▶ YOUR TASK: Take every line from the listing below that includes "Hole" and copy it.

▶ RECORDS FOR THIS EXERCISE:
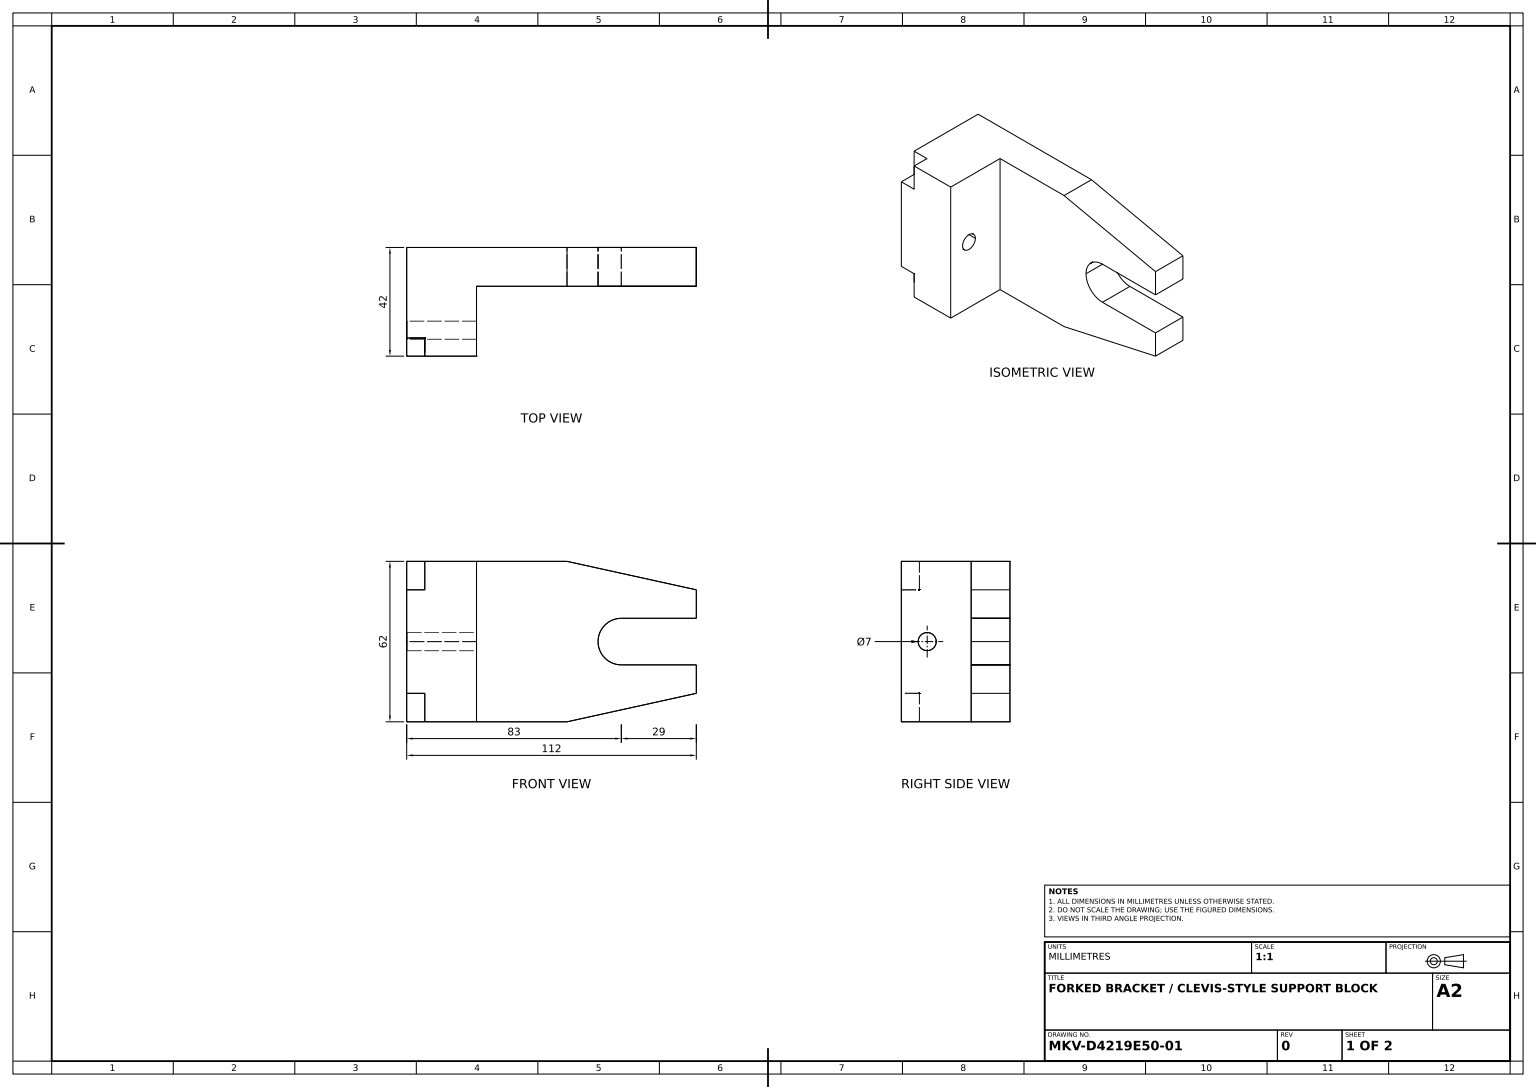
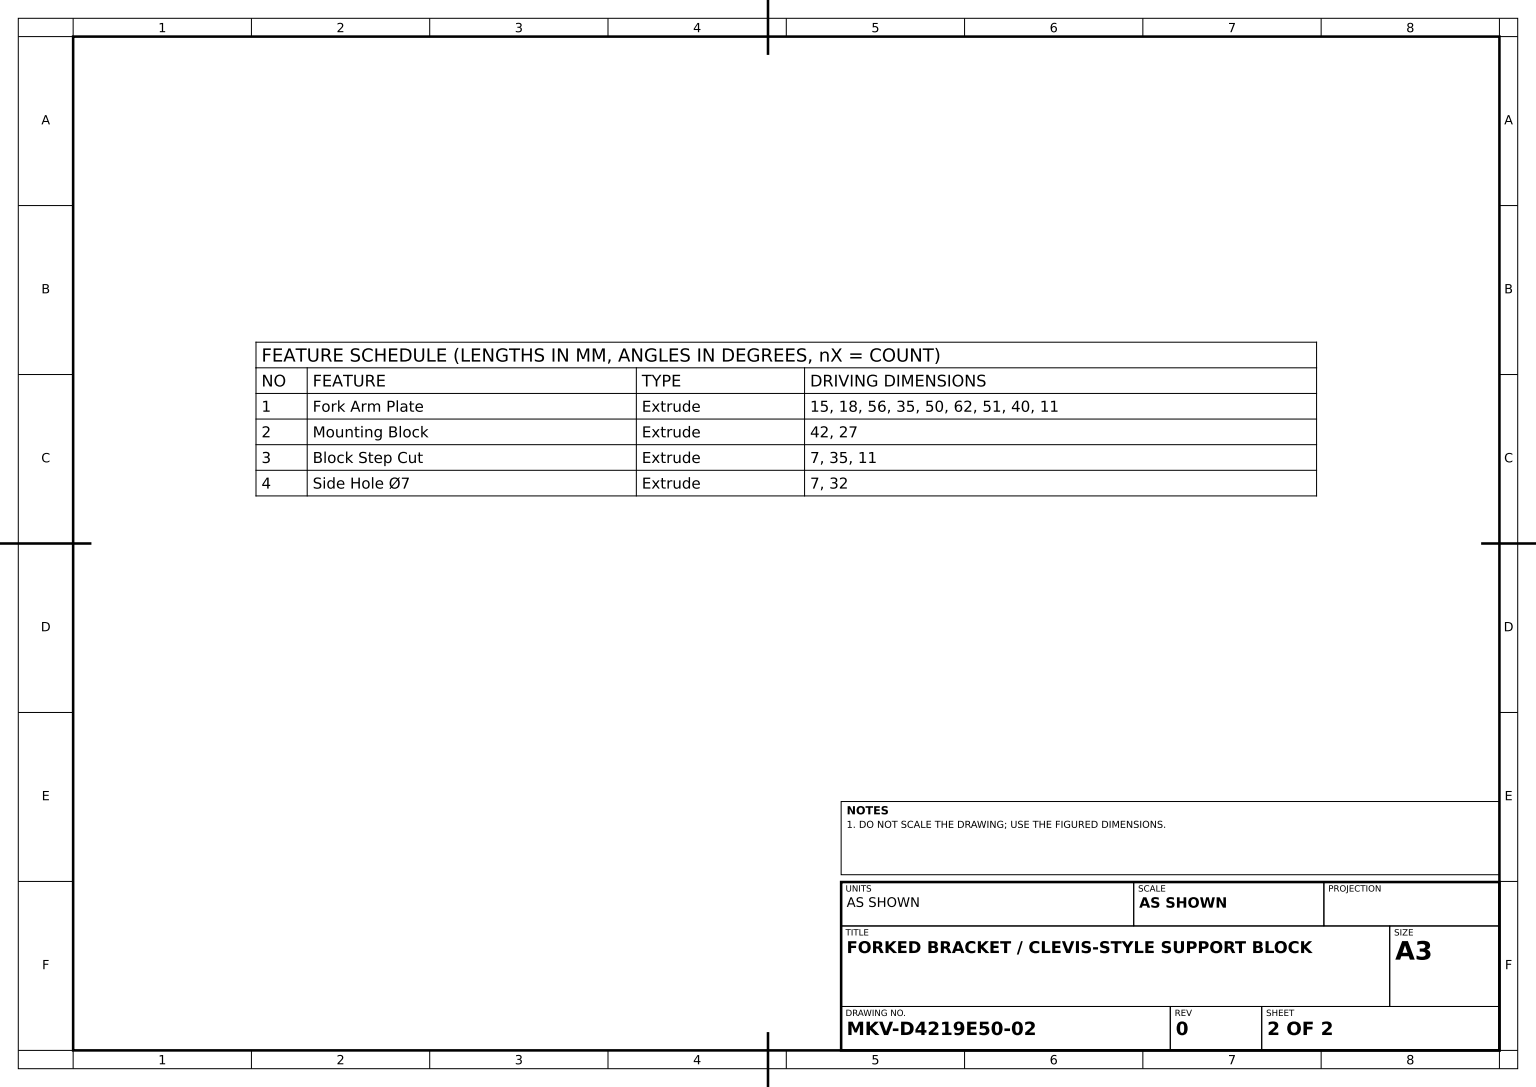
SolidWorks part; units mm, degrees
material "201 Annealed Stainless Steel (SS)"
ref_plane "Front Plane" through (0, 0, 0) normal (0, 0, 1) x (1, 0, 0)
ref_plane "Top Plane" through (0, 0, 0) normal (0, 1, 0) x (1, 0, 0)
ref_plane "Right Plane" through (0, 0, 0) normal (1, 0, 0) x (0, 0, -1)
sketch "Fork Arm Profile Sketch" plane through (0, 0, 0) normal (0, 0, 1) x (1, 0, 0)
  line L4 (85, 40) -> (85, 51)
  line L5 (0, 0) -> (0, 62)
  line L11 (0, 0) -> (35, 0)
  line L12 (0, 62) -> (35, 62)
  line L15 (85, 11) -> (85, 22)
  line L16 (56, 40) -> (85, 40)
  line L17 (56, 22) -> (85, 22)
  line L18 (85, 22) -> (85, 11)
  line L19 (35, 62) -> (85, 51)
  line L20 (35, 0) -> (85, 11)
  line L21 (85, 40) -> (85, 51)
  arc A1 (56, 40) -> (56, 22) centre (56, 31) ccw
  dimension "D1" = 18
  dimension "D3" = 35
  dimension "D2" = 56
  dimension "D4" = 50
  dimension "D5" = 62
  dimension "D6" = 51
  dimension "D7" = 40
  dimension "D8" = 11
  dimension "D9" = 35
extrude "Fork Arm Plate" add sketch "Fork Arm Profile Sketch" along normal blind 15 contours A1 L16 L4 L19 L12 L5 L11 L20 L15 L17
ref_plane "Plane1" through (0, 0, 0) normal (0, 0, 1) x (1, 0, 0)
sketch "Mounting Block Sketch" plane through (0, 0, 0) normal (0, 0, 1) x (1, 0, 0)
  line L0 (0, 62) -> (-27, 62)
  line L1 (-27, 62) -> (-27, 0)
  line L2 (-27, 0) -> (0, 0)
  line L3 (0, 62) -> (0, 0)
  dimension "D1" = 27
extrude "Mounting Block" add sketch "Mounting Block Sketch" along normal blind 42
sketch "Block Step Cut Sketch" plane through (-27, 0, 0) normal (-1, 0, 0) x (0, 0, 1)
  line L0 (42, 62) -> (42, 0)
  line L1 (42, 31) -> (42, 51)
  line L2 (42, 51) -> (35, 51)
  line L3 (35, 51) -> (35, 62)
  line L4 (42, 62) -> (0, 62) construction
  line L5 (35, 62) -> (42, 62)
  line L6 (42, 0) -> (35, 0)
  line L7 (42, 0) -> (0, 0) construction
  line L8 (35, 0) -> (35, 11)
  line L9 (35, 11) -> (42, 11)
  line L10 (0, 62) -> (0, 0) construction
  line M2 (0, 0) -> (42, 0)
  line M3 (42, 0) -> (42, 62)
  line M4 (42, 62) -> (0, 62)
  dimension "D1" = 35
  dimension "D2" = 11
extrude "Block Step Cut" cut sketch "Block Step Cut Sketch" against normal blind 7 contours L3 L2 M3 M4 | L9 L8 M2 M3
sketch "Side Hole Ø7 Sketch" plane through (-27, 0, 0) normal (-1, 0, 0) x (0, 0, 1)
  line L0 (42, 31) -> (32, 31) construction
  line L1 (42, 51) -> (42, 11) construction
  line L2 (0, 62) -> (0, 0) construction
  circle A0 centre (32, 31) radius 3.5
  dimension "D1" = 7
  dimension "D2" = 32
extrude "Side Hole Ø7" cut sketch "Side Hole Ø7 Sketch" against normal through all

▶ THE COMPLETED TASK:
sketch "Side Hole Ø7 Sketch" plane through (-27, 0, 0) normal (-1, 0, 0) x (0, 0, 1)
extrude "Side Hole Ø7" cut sketch "Side Hole Ø7 Sketch" against normal through all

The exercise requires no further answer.